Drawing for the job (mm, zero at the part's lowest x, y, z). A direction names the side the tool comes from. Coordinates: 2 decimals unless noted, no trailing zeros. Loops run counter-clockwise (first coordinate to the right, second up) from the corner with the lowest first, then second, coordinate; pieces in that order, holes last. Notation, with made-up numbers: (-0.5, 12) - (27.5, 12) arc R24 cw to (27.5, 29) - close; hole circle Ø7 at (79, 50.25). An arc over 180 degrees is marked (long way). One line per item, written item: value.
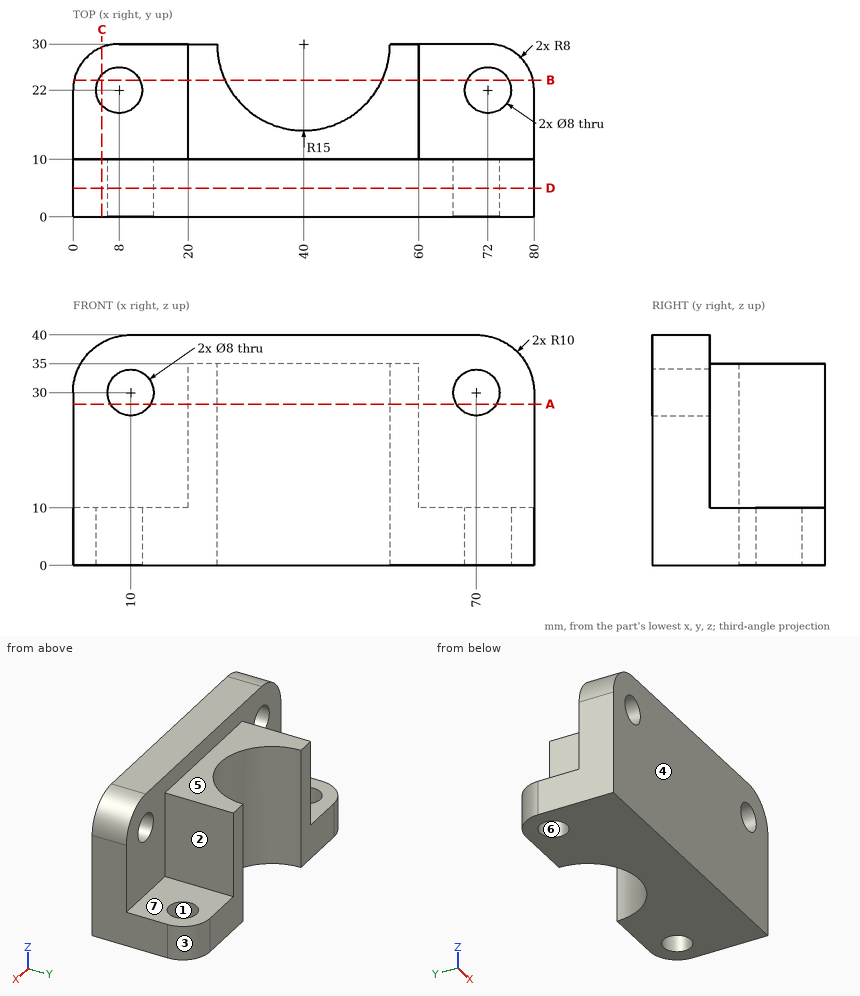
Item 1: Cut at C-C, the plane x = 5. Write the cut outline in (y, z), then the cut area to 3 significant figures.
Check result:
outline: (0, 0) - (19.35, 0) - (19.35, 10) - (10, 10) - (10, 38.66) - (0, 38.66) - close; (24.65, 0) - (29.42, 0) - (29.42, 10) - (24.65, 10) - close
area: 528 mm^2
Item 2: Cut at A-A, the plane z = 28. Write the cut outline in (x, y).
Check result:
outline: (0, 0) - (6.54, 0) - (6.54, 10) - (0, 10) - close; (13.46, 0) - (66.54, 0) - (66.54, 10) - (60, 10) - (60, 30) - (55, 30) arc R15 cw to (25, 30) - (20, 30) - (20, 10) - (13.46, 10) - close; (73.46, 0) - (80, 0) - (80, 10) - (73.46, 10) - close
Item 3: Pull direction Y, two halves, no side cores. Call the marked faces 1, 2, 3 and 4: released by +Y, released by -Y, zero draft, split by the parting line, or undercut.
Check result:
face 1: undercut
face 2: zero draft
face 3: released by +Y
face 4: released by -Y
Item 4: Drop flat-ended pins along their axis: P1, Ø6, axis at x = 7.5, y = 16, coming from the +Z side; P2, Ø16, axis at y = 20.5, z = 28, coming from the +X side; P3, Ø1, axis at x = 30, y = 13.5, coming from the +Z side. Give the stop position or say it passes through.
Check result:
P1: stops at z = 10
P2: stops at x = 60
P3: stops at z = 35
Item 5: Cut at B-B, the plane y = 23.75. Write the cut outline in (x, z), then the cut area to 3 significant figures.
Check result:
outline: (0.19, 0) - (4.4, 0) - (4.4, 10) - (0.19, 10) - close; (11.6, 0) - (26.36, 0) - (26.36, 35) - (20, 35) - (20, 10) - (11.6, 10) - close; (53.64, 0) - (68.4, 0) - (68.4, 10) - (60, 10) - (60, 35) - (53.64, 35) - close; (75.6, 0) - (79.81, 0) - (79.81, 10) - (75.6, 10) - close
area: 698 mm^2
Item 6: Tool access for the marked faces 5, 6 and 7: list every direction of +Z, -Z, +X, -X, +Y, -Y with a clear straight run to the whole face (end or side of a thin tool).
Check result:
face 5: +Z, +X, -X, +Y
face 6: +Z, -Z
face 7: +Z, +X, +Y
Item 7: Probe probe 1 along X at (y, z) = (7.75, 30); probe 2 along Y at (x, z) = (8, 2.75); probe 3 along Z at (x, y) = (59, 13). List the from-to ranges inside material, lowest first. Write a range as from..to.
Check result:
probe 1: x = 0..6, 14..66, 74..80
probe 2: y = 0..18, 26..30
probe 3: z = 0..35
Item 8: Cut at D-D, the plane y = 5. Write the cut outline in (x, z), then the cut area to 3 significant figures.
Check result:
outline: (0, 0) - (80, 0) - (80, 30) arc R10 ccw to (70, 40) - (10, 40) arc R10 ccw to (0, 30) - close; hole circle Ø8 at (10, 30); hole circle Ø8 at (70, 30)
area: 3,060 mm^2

═══

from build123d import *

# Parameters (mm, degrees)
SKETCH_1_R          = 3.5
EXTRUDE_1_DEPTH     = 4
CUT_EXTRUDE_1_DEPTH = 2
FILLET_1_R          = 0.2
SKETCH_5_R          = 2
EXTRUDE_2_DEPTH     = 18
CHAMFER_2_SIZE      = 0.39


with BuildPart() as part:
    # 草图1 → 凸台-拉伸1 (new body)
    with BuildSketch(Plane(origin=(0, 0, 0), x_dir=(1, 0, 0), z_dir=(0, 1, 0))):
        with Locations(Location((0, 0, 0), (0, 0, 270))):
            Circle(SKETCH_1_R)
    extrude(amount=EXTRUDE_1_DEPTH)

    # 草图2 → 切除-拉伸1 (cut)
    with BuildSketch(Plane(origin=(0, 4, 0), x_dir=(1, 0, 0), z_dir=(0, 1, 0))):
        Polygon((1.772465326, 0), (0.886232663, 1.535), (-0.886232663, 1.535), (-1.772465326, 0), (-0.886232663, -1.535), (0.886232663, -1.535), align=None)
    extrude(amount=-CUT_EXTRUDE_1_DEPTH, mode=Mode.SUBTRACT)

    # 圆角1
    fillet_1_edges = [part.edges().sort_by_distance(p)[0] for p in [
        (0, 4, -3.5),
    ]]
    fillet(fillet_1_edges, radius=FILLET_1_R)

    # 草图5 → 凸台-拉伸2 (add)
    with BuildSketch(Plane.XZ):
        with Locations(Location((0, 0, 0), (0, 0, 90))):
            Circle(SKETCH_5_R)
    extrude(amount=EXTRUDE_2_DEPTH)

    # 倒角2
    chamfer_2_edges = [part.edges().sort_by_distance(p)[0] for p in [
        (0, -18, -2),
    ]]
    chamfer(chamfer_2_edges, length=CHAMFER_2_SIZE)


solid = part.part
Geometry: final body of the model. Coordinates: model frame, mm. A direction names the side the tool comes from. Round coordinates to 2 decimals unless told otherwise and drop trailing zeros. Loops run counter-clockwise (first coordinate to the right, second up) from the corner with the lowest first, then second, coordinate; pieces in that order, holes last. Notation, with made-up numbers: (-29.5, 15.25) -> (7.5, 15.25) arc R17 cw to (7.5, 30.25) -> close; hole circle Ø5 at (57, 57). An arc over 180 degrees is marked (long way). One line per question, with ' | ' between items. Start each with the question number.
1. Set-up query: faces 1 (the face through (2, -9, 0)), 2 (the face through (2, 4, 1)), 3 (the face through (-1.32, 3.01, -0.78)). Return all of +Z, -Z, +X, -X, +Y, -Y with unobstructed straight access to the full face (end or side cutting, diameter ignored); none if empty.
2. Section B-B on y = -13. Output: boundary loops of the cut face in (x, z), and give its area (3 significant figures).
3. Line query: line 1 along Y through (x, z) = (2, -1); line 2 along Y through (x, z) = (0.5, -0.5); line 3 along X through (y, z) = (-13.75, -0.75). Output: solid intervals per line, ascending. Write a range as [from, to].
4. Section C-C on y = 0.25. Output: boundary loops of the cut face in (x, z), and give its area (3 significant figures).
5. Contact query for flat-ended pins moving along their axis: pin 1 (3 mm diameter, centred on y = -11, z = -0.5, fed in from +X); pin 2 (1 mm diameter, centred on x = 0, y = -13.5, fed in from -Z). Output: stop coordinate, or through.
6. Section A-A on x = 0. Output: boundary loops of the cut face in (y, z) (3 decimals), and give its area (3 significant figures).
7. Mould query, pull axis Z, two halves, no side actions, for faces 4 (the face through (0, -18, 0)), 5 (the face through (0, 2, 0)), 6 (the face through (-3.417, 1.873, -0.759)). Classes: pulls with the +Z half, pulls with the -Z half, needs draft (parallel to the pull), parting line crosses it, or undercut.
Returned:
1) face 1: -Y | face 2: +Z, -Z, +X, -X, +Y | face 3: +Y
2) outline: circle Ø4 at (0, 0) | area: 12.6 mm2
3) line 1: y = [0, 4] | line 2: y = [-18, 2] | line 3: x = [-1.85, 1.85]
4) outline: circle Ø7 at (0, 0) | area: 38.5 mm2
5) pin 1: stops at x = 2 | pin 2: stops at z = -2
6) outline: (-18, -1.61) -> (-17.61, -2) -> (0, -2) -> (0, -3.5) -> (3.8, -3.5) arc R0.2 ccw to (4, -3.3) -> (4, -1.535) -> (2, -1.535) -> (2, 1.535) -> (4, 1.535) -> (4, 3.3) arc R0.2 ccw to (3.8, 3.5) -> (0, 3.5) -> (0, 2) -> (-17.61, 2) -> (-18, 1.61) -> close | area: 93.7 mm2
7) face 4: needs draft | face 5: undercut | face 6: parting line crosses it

═══

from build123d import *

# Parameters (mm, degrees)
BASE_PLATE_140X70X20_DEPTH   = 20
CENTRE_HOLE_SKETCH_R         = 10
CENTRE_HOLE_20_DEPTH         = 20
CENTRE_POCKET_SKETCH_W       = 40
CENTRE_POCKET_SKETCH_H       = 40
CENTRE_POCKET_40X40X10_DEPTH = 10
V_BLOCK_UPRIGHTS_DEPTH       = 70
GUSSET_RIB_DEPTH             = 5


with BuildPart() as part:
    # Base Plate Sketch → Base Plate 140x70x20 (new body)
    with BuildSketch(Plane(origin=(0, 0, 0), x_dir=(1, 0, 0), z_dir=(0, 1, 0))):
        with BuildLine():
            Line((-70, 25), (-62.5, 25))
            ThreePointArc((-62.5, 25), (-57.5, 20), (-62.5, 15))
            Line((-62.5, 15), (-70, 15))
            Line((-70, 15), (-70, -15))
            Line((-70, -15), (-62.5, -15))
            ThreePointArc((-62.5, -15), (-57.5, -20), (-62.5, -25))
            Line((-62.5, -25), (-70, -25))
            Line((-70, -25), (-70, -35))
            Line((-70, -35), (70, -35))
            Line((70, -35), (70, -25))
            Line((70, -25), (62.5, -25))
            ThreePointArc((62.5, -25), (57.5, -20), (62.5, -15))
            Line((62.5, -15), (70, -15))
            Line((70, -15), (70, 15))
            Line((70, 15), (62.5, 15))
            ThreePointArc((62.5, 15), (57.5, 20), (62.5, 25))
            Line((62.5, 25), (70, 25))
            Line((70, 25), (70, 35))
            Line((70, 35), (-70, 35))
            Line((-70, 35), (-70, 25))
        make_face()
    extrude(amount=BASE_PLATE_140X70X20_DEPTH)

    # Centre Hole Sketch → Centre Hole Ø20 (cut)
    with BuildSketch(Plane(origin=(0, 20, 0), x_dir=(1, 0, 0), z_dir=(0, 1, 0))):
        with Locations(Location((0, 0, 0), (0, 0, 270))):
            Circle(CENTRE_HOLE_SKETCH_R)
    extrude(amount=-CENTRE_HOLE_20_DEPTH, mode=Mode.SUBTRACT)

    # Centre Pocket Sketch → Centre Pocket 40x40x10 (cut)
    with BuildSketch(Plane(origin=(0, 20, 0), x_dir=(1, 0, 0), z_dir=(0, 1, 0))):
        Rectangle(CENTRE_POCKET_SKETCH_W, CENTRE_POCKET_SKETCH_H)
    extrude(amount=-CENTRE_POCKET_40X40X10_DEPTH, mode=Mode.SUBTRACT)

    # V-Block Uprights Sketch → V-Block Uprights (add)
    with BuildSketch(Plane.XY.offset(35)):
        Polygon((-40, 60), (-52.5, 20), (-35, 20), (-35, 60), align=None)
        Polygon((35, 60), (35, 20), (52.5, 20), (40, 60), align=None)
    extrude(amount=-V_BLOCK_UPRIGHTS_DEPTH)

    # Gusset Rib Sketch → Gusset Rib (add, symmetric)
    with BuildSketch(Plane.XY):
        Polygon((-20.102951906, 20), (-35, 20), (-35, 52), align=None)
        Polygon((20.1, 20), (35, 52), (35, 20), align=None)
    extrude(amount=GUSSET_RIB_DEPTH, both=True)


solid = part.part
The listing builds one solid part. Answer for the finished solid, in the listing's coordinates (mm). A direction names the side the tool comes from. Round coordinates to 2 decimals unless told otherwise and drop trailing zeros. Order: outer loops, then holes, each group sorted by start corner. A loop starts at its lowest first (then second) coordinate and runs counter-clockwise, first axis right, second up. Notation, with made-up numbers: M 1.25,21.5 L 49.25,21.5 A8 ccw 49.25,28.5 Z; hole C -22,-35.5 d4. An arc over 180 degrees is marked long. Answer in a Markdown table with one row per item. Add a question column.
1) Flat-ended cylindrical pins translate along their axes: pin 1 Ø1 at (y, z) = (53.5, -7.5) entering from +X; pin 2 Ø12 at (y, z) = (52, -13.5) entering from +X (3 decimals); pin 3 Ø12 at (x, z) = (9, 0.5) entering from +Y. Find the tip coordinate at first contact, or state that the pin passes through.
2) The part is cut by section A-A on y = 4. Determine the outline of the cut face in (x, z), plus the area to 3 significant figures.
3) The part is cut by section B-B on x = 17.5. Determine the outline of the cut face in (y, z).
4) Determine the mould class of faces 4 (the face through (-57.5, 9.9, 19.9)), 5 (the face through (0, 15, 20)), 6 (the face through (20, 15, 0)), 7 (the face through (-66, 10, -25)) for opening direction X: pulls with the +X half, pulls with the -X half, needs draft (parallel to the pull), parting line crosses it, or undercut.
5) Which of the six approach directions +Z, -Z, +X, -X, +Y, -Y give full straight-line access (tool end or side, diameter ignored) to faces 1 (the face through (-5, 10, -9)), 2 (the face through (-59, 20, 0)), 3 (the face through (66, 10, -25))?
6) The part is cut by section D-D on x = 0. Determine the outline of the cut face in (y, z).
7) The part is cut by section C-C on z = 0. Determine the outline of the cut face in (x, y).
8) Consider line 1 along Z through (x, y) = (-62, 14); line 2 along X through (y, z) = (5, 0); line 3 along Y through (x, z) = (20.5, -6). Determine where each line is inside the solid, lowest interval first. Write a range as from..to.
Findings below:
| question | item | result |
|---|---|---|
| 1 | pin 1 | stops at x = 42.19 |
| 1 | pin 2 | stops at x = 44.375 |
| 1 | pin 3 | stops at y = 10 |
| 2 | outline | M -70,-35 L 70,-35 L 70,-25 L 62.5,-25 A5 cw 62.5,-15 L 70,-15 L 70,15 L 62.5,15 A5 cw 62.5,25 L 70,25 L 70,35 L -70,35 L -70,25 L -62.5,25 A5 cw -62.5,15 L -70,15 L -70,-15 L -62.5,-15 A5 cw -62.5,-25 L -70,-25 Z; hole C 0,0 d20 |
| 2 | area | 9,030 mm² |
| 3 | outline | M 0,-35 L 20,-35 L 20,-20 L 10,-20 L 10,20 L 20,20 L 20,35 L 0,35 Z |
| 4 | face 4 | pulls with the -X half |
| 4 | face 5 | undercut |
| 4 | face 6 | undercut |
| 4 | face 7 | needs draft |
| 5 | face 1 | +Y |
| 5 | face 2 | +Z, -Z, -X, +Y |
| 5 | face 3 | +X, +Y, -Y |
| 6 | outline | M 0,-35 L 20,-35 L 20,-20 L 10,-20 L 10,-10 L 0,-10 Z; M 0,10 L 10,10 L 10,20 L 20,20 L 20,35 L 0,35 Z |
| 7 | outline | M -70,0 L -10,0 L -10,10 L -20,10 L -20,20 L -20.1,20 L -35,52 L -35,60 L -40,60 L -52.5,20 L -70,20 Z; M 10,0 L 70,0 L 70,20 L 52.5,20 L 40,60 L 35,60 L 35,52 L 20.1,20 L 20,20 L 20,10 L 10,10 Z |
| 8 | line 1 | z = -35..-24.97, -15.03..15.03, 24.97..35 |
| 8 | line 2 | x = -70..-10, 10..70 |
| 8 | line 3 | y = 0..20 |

═══

### PROMPT
The result should be an exact copy of only the lines above from the one that holds "Drawing for the" through the one that holds "area: 528 mm^2", both ends included, without pictures.

### REPLY TO THE TASK
Drawing for the job (mm, zero at the part's lowest x, y, z). A direction names the side the tool comes from. Coordinates: 2 decimals unless noted, no trailing zeros. Loops run counter-clockwise (first coordinate to the right, second up) from the corner with the lowest first, then second, coordinate; pieces in that order, holes last. Notation, with made-up numbers: (-0.5, 12) - (27.5, 12) arc R24 cw to (27.5, 29) - close; hole circle Ø7 at (79, 50.25). An arc over 180 degrees is marked (long way). One line per item, written item: value.
Item 1: Cut at C-C, the plane x = 5. Write the cut outline in (y, z), then the cut area to 3 significant figures.
Check result:
outline: (0, 0) - (19.35, 0) - (19.35, 10) - (10, 10) - (10, 38.66) - (0, 38.66) - close; (24.65, 0) - (29.42, 0) - (29.42, 10) - (24.65, 10) - close
area: 528 mm^2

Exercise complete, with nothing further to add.